Exercise details - Restate word for word the opening line of the data below and every line after it until the line with "p2 = place(p1, origin())", that line too, but not the pictures.

(Stored dataset items)
==========
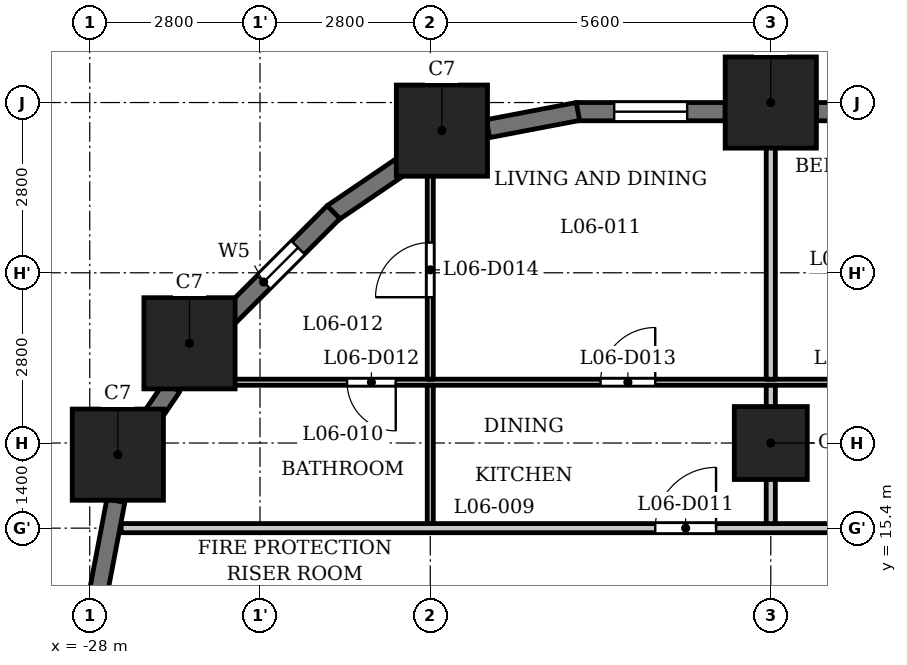
"""IFC4 building model, lengths in metres.
Left out: names, types, materials, properties, quantities, classifications, styles, units other than length and angle.
Written with IfcOpenShell. Run it as: python <this file> out.ifc"""

import sys

from ifc_helpers import new_model, si_unit, direction, frame, frame_2d, origin, origin_2d, place, context, subcontext, project, spatial, rectangle, extrude, element, fill, save


model = new_model("IFC4")
c1 = context("Model", 3, precision=1e-05, world=origin(), true_north=direction((0.0, 1.0)))
c2 = subcontext(c1, "Body", "Model", "MODEL_VIEW")
j1 = project(units=[si_unit("LENGTHUNIT", "METRE"), si_unit("PLANEANGLEUNIT", "RADIAN")], contexts=[c1])
p1 = place(None, origin())
s1 = spatial("IfcSite", under=j1, at=p1, CompositionType="ELEMENT")
p2 = place(p1, origin())
s2 = spatial("IfcBuilding", under=s1, at=p2, CompositionType="ELEMENT")
p3 = place(p2, frame((0.0, 0.0, 30.5)))
s3 = spatial("IfcBuildingStorey", under=s2, at=p3, CompositionType="ELEMENT", Elevation=30.5)
for number, where, z_axis, x_axis in (
    (1, (-16.8, 22.4, 0.0), (0.0, 0.0, 1.0), (1.0, 0.0, 0.0)),
    (2, (-22.209, 21.938, 0.0), (0.0, 0.0, 1.0), (1.0, 0.0, 0.0)),
    (3, (-26.36, 18.44, 0.0), (0.0, 0.0, 1.0), (1.0, 0.0, 0.0)),
    (4, (-27.538, 16.609, 0.0), (0.0, 0.0, 1.0), (1.0, 0.0, 0.0)),
):
    element("IfcColumn", number, at=place(p3, frame(where, z_axis=z_axis, x_axis=x_axis)), inside=s3, PredefinedType="COLUMN", context=c2, shape_type="SweptSolid", body=[
        extrude(rectangle(XDim=1.5, YDim=1.5, at=origin_2d()), origin(), (0.0, 0.0, 1.0), 3.5),
    ])
p4 = place(p3, frame((-16.8, 16.8, 0.0), z_axis=(0.0, 0.0, 1.0), x_axis=(1.0, 0.0, 0.0)))
e5 = element("IfcColumn", 5, at=p4, inside=s3, PredefinedType="COLUMN", context=c2, shape_type="SweptSolid", body=[
    extrude(rectangle(XDim=1.2, YDim=1.2, at=origin_2d()), origin(), (0.0, 0.0, 1.0), 3.5),
])
p5 = place(p3, frame((-11.95, 22.25, 0.0), z_axis=(0.0, 0.0, 1.0), x_axis=(-1.0, 0.0, 0.0)))
e6 = element("IfcWall", 6, at=p5, inside=s3, PredefinedType="SOLIDWALL", context=c2, shape_type="SweptSolid", body=[
    extrude(rectangle(XDim=4.1, YDim=0.3, at=frame_2d((2.05, 0.0))), origin(), (0.0, 0.0, 1.0), 2.35),
])
p6 = place(p5, frame((0.488, 0.0, 0.6)))
e7 = element("IfcOpeningElement", 7, at=p6, cuts=e6, PredefinedType="OPENING", context=c2, shape_type="SweptSolid", body=[
    extrude(rectangle(XDim=1.2, YDim=1.55, at=frame_2d((0.6, 0.775))), frame((0.0, 0.16, 0.0), z_axis=(0.0, -1.0, 0.0), x_axis=(1.0, 0.0, 0.0)), (0.0, 0.0, 1.0), 0.32),
])
p7 = place(p5, frame((2.613, 0.0, 0.6)))
e8 = element("IfcOpeningElement", 8, at=p7, cuts=e6, PredefinedType="OPENING", context=c2, shape_type="SweptSolid", body=[
    extrude(rectangle(XDim=1.2, YDim=1.55, at=frame_2d((0.6, 0.775))), frame((0.0, 0.16, 0.0), z_axis=(0.0, -1.0, 0.0), x_axis=(1.0, 0.0, 0.0)), (0.0, 0.0, 1.0), 0.32),
])
p8 = place(p3, frame((-17.55, 22.25, 0.0), z_axis=(0.0, 0.0, 1.0), x_axis=(-1.0, 0.0, 0.0)))
e9 = element("IfcWall", 9, at=p8, inside=s3, PredefinedType="SOLIDWALL", context=c2, shape_type="SweptSolid", body=[
    extrude(rectangle(XDim=2.45, YDim=0.3, at=frame_2d((1.225, 0.0))), origin(), (0.0, 0.0, 1.0), 2.35),
])
p9 = place(p8, frame((0.625, 0.0, 0.6)))
e10 = element("IfcOpeningElement", 10, at=p9, cuts=e9, PredefinedType="OPENING", context=c2, shape_type="SweptSolid", body=[
    extrude(rectangle(XDim=1.2, YDim=1.55, at=frame_2d((0.6, 0.775))), frame((0.0, 0.16, 0.0), z_axis=(0.0, -1.0, 0.0), x_axis=(1.0, 0.0, 0.0)), (0.0, 0.0, 1.0), 0.32),
])
for number, where, z_axis, x_axis in (
    (11, (-19.972, 22.253, 0.0), (0.0, 0.0, 1.0), (-0.982, -0.187, 0.0)),
    (12, (-22.767, 21.426, 0.0), (0.0, 0.0, 1.0), (-0.827, -0.562, 0.0)),
):
    element("IfcWall", number, at=place(p3, frame(where, z_axis=z_axis, x_axis=x_axis)), inside=s3, PredefinedType="SOLIDWALL", context=c2, shape_type="SweptSolid", body=[
        extrude(rectangle(XDim=1.506, YDim=0.3, at=frame_2d((0.753, 0.0))), origin(), (0.0, 0.0, 1.0), 2.35),
    ])
p10 = place(p3, frame((-23.991, 20.597, 0.0), z_axis=(0.0, 0.0, 1.0), x_axis=(-0.707106781187, -0.707106781187, 0.0)))
e13 = element("IfcWall", 13, at=p10, inside=s3, PredefinedType="SOLIDWALL", context=c2, shape_type="SweptSolid", body=[
    extrude(rectangle(XDim=2.45, YDim=0.3, at=frame_2d((1.225, 0.0))), origin(), (0.0, 0.0, 1.0), 2.35),
])
p11 = place(p10, frame((0.825, 0.0, 0.6)))
e14 = element("IfcOpeningElement", 14, at=p11, cuts=e13, PredefinedType="OPENING", context=c2, shape_type="SweptSolid", body=[
    extrude(rectangle(XDim=0.8, YDim=1.55, at=frame_2d((0.4, 0.775))), frame((0.0, 0.16, 0.0), z_axis=(0.0, -1.0, 0.0), x_axis=(1.0, 0.0, 0.0)), (0.0, 0.0, 1.0), 0.32),
])
p12 = place(p3, frame((-26.645, 17.727, 0.0), z_axis=(0.0, 0.0, 1.0), x_axis=(-0.562083182981, -0.827080706709, 0.0)))
e15 = element("IfcWall", 15, at=p12, inside=s3, PredefinedType="SOLIDWALL", context=c2, shape_type="SweptSolid", body=[
    extrude(rectangle(XDim=0.677, YDim=0.3, at=frame_2d((0.339, 0.0))), origin(), (0.0, 0.0, 1.0), 3.2),
])
p13 = place(p3, frame((-27.571, 15.851, 0.0), z_axis=(0.0, 0.0, 1.0), x_axis=(-0.187223837635, -0.982317277982, 0.0)))
e16 = element("IfcWall", 16, at=p13, inside=s3, PredefinedType="SOLIDWALL", context=c2, shape_type="SweptSolid", body=[
    extrude(rectangle(XDim=1.506, YDim=0.3, at=frame_2d((0.753, 0.0))), origin(), (0.0, 0.0, 1.0), 2.35),
])
p14 = place(p3, frame((-27.484, 15.4, 0.0), z_axis=(0.0, 0.0, 1.0), x_axis=(1.0, 0.0, 0.0)))
e17 = element("IfcWall", 17, at=p14, inside=s3, PredefinedType="PARTITIONING", context=c2, shape_type="SweptSolid", body=[
    extrude(rectangle(XDim=54.968, YDim=0.15, at=frame_2d((27.484, 0.0))), origin(), (0.0, 0.0, 1.0), 3.2),
])
p15 = place(p14, frame((8.784, 0.0, 0.0)))
e18 = element("IfcOpeningElement", 18, at=p15, cuts=e17, PredefinedType="OPENING", context=c2, shape_type="SweptSolid", body=[
    extrude(rectangle(XDim=1.0, YDim=2.1, at=frame_2d((0.5, 1.05))), frame((0.0, 0.085, 0.0), z_axis=(0.0, -1.0, 0.0), x_axis=(1.0, 0.0, 0.0)), (0.0, 0.0, 1.0), 0.17),
])
p16 = place(p14, frame((14.634, 0.0, 0.0)))
e19 = element("IfcOpeningElement", 19, at=p16, cuts=e17, PredefinedType="OPENING", context=c2, shape_type="SweptSolid", body=[
    extrude(rectangle(XDim=1.0, YDim=2.1, at=frame_2d((0.5, 1.05))), frame((0.0, 0.085, 0.0), z_axis=(0.0, -1.0, 0.0), x_axis=(1.0, 0.0, 0.0)), (0.0, 0.0, 1.0), 0.17),
])
p17 = place(p14, frame((23.834, 0.0, 0.0)))
e20 = element("IfcOpeningElement", 20, at=p17, cuts=e17, PredefinedType="OPENING", context=c2, shape_type="SweptSolid", body=[
    extrude(rectangle(XDim=1.0, YDim=2.1, at=frame_2d((0.5, 1.05))), frame((0.0, 0.085, 0.0), z_axis=(0.0, -1.0, 0.0), x_axis=(1.0, 0.0, 0.0)), (0.0, 0.0, 1.0), 0.17),
])
p18 = place(p14, frame((28.184, 0.0, 0.0)))
e21 = element("IfcOpeningElement", 21, at=p18, cuts=e17, PredefinedType="OPENING", context=c2, shape_type="SweptSolid", body=[
    extrude(rectangle(XDim=1.0, YDim=2.1, at=frame_2d((0.5, 1.05))), frame((0.0, 0.085, 0.0), z_axis=(0.0, -1.0, 0.0), x_axis=(1.0, 0.0, 0.0)), (0.0, 0.0, 1.0), 0.17),
])
p19 = place(p14, frame((41.884, 0.0, 0.0)))
e22 = element("IfcOpeningElement", 22, at=p19, cuts=e17, PredefinedType="OPENING", context=c2, shape_type="SweptSolid", body=[
    extrude(rectangle(XDim=1.0, YDim=2.1, at=frame_2d((0.5, 1.05))), frame((0.0, 0.085, 0.0), z_axis=(0.0, -1.0, 0.0), x_axis=(1.0, 0.0, 0.0)), (0.0, 0.0, 1.0), 0.17),
])
p20 = place(p14, frame((48.234, 0.0, 0.0)))
e23 = element("IfcOpeningElement", 23, at=p20, cuts=e17, PredefinedType="OPENING", context=c2, shape_type="SweptSolid", body=[
    extrude(rectangle(XDim=1.0, YDim=2.1, at=frame_2d((0.5, 1.05))), frame((0.0, 0.085, 0.0), z_axis=(0.0, -1.0, 0.0), x_axis=(1.0, 0.0, 0.0)), (0.0, 0.0, 1.0), 0.17),
])
p21 = place(p3, frame((-26.732, 17.8, 0.0), z_axis=(0.0, 0.0, 1.0), x_axis=(1.0, 0.0, 0.0)))
e24 = element("IfcWall", 24, at=p21, inside=s3, PredefinedType="PARTITIONING", context=c2, shape_type="SweptSolid", body=[
    extrude(rectangle(XDim=53.126, YDim=0.1, at=frame_2d((26.563, 0.0))), origin(), (0.0, 0.0, 1.0), 3.2),
])
p22 = place(p21, frame((2.964, 0.0, 0.0)))
e25 = element("IfcOpeningElement", 25, at=p22, cuts=e24, PredefinedType="OPENING", context=c2, shape_type="SweptSolid", body=[
    extrude(rectangle(XDim=0.8, YDim=2.1, at=frame_2d((0.4, 1.05))), frame((0.0, 0.06, 0.0), z_axis=(0.0, -1.0, 0.0), x_axis=(1.0, 0.0, 0.0)), (0.0, 0.0, 1.0), 0.12),
])
p23 = place(p21, frame((7.132, 0.0, 0.0)))
e26 = element("IfcOpeningElement", 26, at=p23, cuts=e24, PredefinedType="OPENING", context=c2, shape_type="SweptSolid", body=[
    extrude(rectangle(XDim=0.9, YDim=2.1, at=frame_2d((0.45, 1.05))), frame((0.0, 0.06, 0.0), z_axis=(0.0, -1.0, 0.0), x_axis=(1.0, 0.0, 0.0)), (0.0, 0.0, 1.0), 0.12),
])
p24 = place(p21, frame((19.432, 0.0, 0.0)))
e27 = element("IfcOpeningElement", 27, at=p24, cuts=e24, PredefinedType="OPENING", context=c2, shape_type="SweptSolid", body=[
    extrude(rectangle(XDim=0.8, YDim=2.1, at=frame_2d((0.4, 1.05))), frame((0.0, 0.06, 0.0), z_axis=(0.0, -1.0, 0.0), x_axis=(1.0, 0.0, 0.0)), (0.0, 0.0, 1.0), 0.12),
])
p25 = place(p21, frame((16.732, 0.0, 0.0)))
e28 = element("IfcOpeningElement", 28, at=p25, cuts=e24, PredefinedType="OPENING", context=c2, shape_type="SweptSolid", body=[
    extrude(rectangle(XDim=0.9, YDim=2.1, at=frame_2d((0.45, 1.05))), frame((0.0, 0.06, 0.0), z_axis=(0.0, -1.0, 0.0), x_axis=(1.0, 0.0, 0.0)), (0.0, 0.0, 1.0), 0.12),
])
p26 = place(p21, frame((10.982, 0.0, 0.0)))
e29 = element("IfcOpeningElement", 29, at=p26, cuts=e24, PredefinedType="OPENING", context=c2, shape_type="SweptSolid", body=[
    extrude(rectangle(XDim=0.9, YDim=2.1, at=frame_2d((0.45, 1.05))), frame((0.0, 0.06, 0.0), z_axis=(0.0, -1.0, 0.0), x_axis=(1.0, 0.0, 0.0)), (0.0, 0.0, 1.0), 0.12),
])
p27 = place(p21, frame((12.982, 0.0, 0.0)))
e30 = element("IfcOpeningElement", 30, at=p27, cuts=e24, PredefinedType="OPENING", context=c2, shape_type="SweptSolid", body=[
    extrude(rectangle(XDim=0.9, YDim=2.1, at=frame_2d((0.45, 1.05))), frame((0.0, 0.06, 0.0), z_axis=(0.0, -1.0, 0.0), x_axis=(1.0, 0.0, 0.0)), (0.0, 0.0, 1.0), 0.12),
])
p28 = place(p21, frame((25.382, 0.0, 0.0)))
e31 = element("IfcOpeningElement", 31, at=p28, cuts=e24, PredefinedType="OPENING", context=c2, shape_type="SweptSolid", body=[
    extrude(rectangle(XDim=0.8, YDim=2.1, at=frame_2d((0.4, 1.05))), frame((0.0, 0.06, 0.0), z_axis=(0.0, -1.0, 0.0), x_axis=(1.0, 0.0, 0.0)), (0.0, 0.0, 1.0), 0.12),
])
p29 = place(p21, frame((22.182, 0.0, 0.0)))
e32 = element("IfcOpeningElement", 32, at=p29, cuts=e24, PredefinedType="OPENING", context=c2, shape_type="SweptSolid", body=[
    extrude(rectangle(XDim=0.9, YDim=2.1, at=frame_2d((0.45, 1.05))), frame((0.0, 0.06, 0.0), z_axis=(0.0, -1.0, 0.0), x_axis=(1.0, 0.0, 0.0)), (0.0, 0.0, 1.0), 0.12),
])
p30 = place(p21, frame((36.232, 0.0, 0.0)))
e33 = element("IfcOpeningElement", 33, at=p30, cuts=e24, PredefinedType="OPENING", context=c2, shape_type="SweptSolid", body=[
    extrude(rectangle(XDim=0.8, YDim=2.1, at=frame_2d((0.4, 1.05))), frame((0.0, 0.06, 0.0), z_axis=(0.0, -1.0, 0.0), x_axis=(1.0, 0.0, 0.0)), (0.0, 0.0, 1.0), 0.12),
])
p31 = place(p21, frame((33.782, 0.0, 0.0)))
e34 = element("IfcOpeningElement", 34, at=p31, cuts=e24, PredefinedType="OPENING", context=c2, shape_type="SweptSolid", body=[
    extrude(rectangle(XDim=0.9, YDim=2.1, at=frame_2d((0.45, 1.05))), frame((0.0, 0.06, 0.0), z_axis=(0.0, -1.0, 0.0), x_axis=(1.0, 0.0, 0.0)), (0.0, 0.0, 1.0), 0.12),
])
p32 = place(p21, frame((27.282, 0.0, 0.0)))
e35 = element("IfcOpeningElement", 35, at=p32, cuts=e24, PredefinedType="OPENING", context=c2, shape_type="SweptSolid", body=[
    extrude(rectangle(XDim=0.9, YDim=2.1, at=frame_2d((0.45, 1.05))), frame((0.0, 0.06, 0.0), z_axis=(0.0, -1.0, 0.0), x_axis=(1.0, 0.0, 0.0)), (0.0, 0.0, 1.0), 0.12),
])
p33 = place(p21, frame((30.282, 0.0, 0.0)))
e36 = element("IfcOpeningElement", 36, at=p33, cuts=e24, PredefinedType="OPENING", context=c2, shape_type="SweptSolid", body=[
    extrude(rectangle(XDim=0.9, YDim=2.1, at=frame_2d((0.45, 1.05))), frame((0.0, 0.06, 0.0), z_axis=(0.0, -1.0, 0.0), x_axis=(1.0, 0.0, 0.0)), (0.0, 0.0, 1.0), 0.12),
])
p34 = place(p21, frame((38.582, 0.0, 0.0)))
e37 = element("IfcOpeningElement", 37, at=p34, cuts=e24, PredefinedType="OPENING", context=c2, shape_type="SweptSolid", body=[
    extrude(rectangle(XDim=0.8, YDim=2.1, at=frame_2d((0.4, 1.05))), frame((0.0, 0.06, 0.0), z_axis=(0.0, -1.0, 0.0), x_axis=(1.0, 0.0, 0.0)), (0.0, 0.0, 1.0), 0.12),
])
p35 = place(p21, frame((41.232, 0.0, 0.0)))
e38 = element("IfcOpeningElement", 38, at=p35, cuts=e24, PredefinedType="OPENING", context=c2, shape_type="SweptSolid", body=[
    extrude(rectangle(XDim=0.9, YDim=2.1, at=frame_2d((0.45, 1.05))), frame((0.0, 0.06, 0.0), z_axis=(0.0, -1.0, 0.0), x_axis=(1.0, 0.0, 0.0)), (0.0, 0.0, 1.0), 0.12),
])
p36 = place(p21, frame((51.532, 0.0, 0.0)))
e39 = element("IfcOpeningElement", 39, at=p36, cuts=e24, PredefinedType="OPENING", context=c2, shape_type="SweptSolid", body=[
    extrude(rectangle(XDim=0.8, YDim=2.1, at=frame_2d((0.4, 1.05))), frame((0.0, 0.06, 0.0), z_axis=(0.0, -1.0, 0.0), x_axis=(1.0, 0.0, 0.0)), (0.0, 0.0, 1.0), 0.12),
])
p37 = place(p21, frame((46.582, 0.0, 0.0)))
e40 = element("IfcOpeningElement", 40, at=p37, cuts=e24, PredefinedType="OPENING", context=c2, shape_type="SweptSolid", body=[
    extrude(rectangle(XDim=0.9, YDim=2.1, at=frame_2d((0.45, 1.05))), frame((0.0, 0.06, 0.0), z_axis=(0.0, -1.0, 0.0), x_axis=(1.0, 0.0, 0.0)), (0.0, 0.0, 1.0), 0.12),
])
p38 = place(p3, frame((-22.4, 15.475, 0.0), z_axis=(0.0, 0.0, 1.0), x_axis=(0.0, 1.0, 0.0)))
e41 = element("IfcWall", 41, at=p38, inside=s3, PredefinedType="PARTITIONING", context=c2, shape_type="SweptSolid", body=[
    extrude(rectangle(XDim=2.275, YDim=0.1, at=frame_2d((1.137, 0.0))), origin(), (0.0, 0.0, 1.0), 3.2),
])
p39 = place(p3, frame((-22.4, 17.85, 0.0), z_axis=(0.0, 0.0, 1.0), x_axis=(0.0, 1.0, 0.0)))
e42 = element("IfcWall", 42, at=p39, inside=s3, PredefinedType="PARTITIONING", context=c2, shape_type="SweptSolid", body=[
    extrude(rectangle(XDim=3.87, YDim=0.1, at=frame_2d((1.935, 0.0))), origin(), (0.0, 0.0, 1.0), 3.2),
])
p40 = place(p39, frame((1.348, 0.0, 0.0)))
e43 = element("IfcOpeningElement", 43, at=p40, cuts=e42, PredefinedType="OPENING", context=c2, shape_type="SweptSolid", body=[
    extrude(rectangle(XDim=0.9, YDim=2.1, at=frame_2d((0.45, 1.05))), frame((0.0, 0.06, 0.0), z_axis=(0.0, -1.0, 0.0), x_axis=(1.0, 0.0, 0.0)), (0.0, 0.0, 1.0), 0.12),
])
p41 = place(p3, frame((-16.8, 15.475, 0.0), z_axis=(0.0, 0.0, 1.0), x_axis=(0.0, 1.0, 0.0)))
e44 = element("IfcWall", 44, at=p41, inside=s3, PredefinedType="PARTITIONING", context=c2, shape_type="SweptSolid", body=[
    extrude(rectangle(XDim=2.275, YDim=0.15, at=frame_2d((1.137, 0.0))), origin(), (0.0, 0.0, 1.0), 3.2),
])
p42 = place(p3, frame((-16.8, 17.85, 0.0), z_axis=(0.0, 0.0, 1.0), x_axis=(0.0, 1.0, 0.0)))
e45 = element("IfcWall", 45, at=p42, inside=s3, PredefinedType="PARTITIONING", context=c2, shape_type="SweptSolid", body=[
    extrude(rectangle(XDim=5.28, YDim=0.15, at=frame_2d((2.64, 0.0))), origin(), (0.0, 0.0, 1.0), 3.2),
])
p43 = place(p15, origin())
e46 = element("IfcDoor", 46, at=p43, inside=s3, OperationType="SINGLE_SWING_LEFT", PredefinedType="DOOR", context=c2, shape_type="SweptSolid", body=[
    extrude(rectangle(XDim=1.0, YDim=2.1, at=frame_2d((0.5, 1.05))), frame((0.0, 0.025, 0.0), z_axis=(0.0, -1.0, 0.0), x_axis=(1.0, 0.0, 0.0)), (0.0, 0.0, 1.0), 0.05),
])
fill(e18, e46)
p44 = place(p22, origin())
e47 = element("IfcDoor", 47, at=p44, inside=s3, OperationType="SINGLE_SWING_RIGHT", PredefinedType="DOOR", context=c2, shape_type="SweptSolid", body=[
    extrude(rectangle(XDim=0.8, YDim=2.1, at=frame_2d((0.4, 1.05))), frame((0.0, 0.025, 0.0), z_axis=(0.0, -1.0, 0.0), x_axis=(1.0, 0.0, 0.0)), (0.0, 0.0, 1.0), 0.05),
])
fill(e25, e47)
p45 = place(p23, origin())
e48 = element("IfcDoor", 48, at=p45, inside=s3, OperationType="SINGLE_SWING_LEFT", PredefinedType="DOOR", context=c2, shape_type="SweptSolid", body=[
    extrude(rectangle(XDim=0.9, YDim=2.1, at=frame_2d((0.45, 1.05))), frame((0.0, 0.025, 0.0), z_axis=(0.0, -1.0, 0.0), x_axis=(1.0, 0.0, 0.0)), (0.0, 0.0, 1.0), 0.05),
])
fill(e26, e48)
p46 = place(p40, origin())
e49 = element("IfcDoor", 49, at=p46, inside=s3, OperationType="SINGLE_SWING_RIGHT", PredefinedType="DOOR", context=c2, shape_type="SweptSolid", body=[
    extrude(rectangle(XDim=0.9, YDim=2.1, at=frame_2d((0.45, 1.05))), frame((0.0, 0.025, 0.0), z_axis=(0.0, -1.0, 0.0), x_axis=(1.0, 0.0, 0.0)), (0.0, 0.0, 1.0), 0.05),
])
fill(e43, e49)
p47 = place(p9, origin())
e50 = element("IfcWindow", 50, at=p47, inside=s3, PartitioningType="SINGLE_PANEL", PredefinedType="WINDOW", context=c2, shape_type="SweptSolid", body=[
    extrude(rectangle(XDim=1.2, YDim=1.55, at=frame_2d((0.6, 0.775))), frame((0.0, 0.03, 0.0), z_axis=(0.0, -1.0, 0.0), x_axis=(1.0, 0.0, 0.0)), (0.0, 0.0, 1.0), 0.06),
])
fill(e10, e50)
p48 = place(p11, origin())
e51 = element("IfcWindow", 51, at=p48, inside=s3, PartitioningType="SINGLE_PANEL", PredefinedType="WINDOW", context=c2, shape_type="SweptSolid", body=[
    extrude(rectangle(XDim=0.8, YDim=1.55, at=frame_2d((0.4, 0.775))), frame((0.0, 0.03, 0.0), z_axis=(0.0, -1.0, 0.0), x_axis=(1.0, 0.0, 0.0)), (0.0, 0.0, 1.0), 0.06),
])
fill(e14, e51)
save(model, sys.argv[1])
==========
Solution to this task -
"""IFC4 building model, lengths in metres.
Left out: names, types, materials, properties, quantities, classifications, styles, units other than length and angle.
Written with IfcOpenShell. Run it as: python <this file> out.ifc"""

import sys

from ifc_helpers import new_model, si_unit, direction, frame, frame_2d, origin, origin_2d, place, context, subcontext, project, spatial, rectangle, extrude, element, fill, save


model = new_model("IFC4")
c1 = context("Model", 3, precision=1e-05, world=origin(), true_north=direction((0.0, 1.0)))
c2 = subcontext(c1, "Body", "Model", "MODEL_VIEW")
j1 = project(units=[si_unit("LENGTHUNIT", "METRE"), si_unit("PLANEANGLEUNIT", "RADIAN")], contexts=[c1])
p1 = place(None, origin())
s1 = spatial("IfcSite", under=j1, at=p1, CompositionType="ELEMENT")
p2 = place(p1, origin())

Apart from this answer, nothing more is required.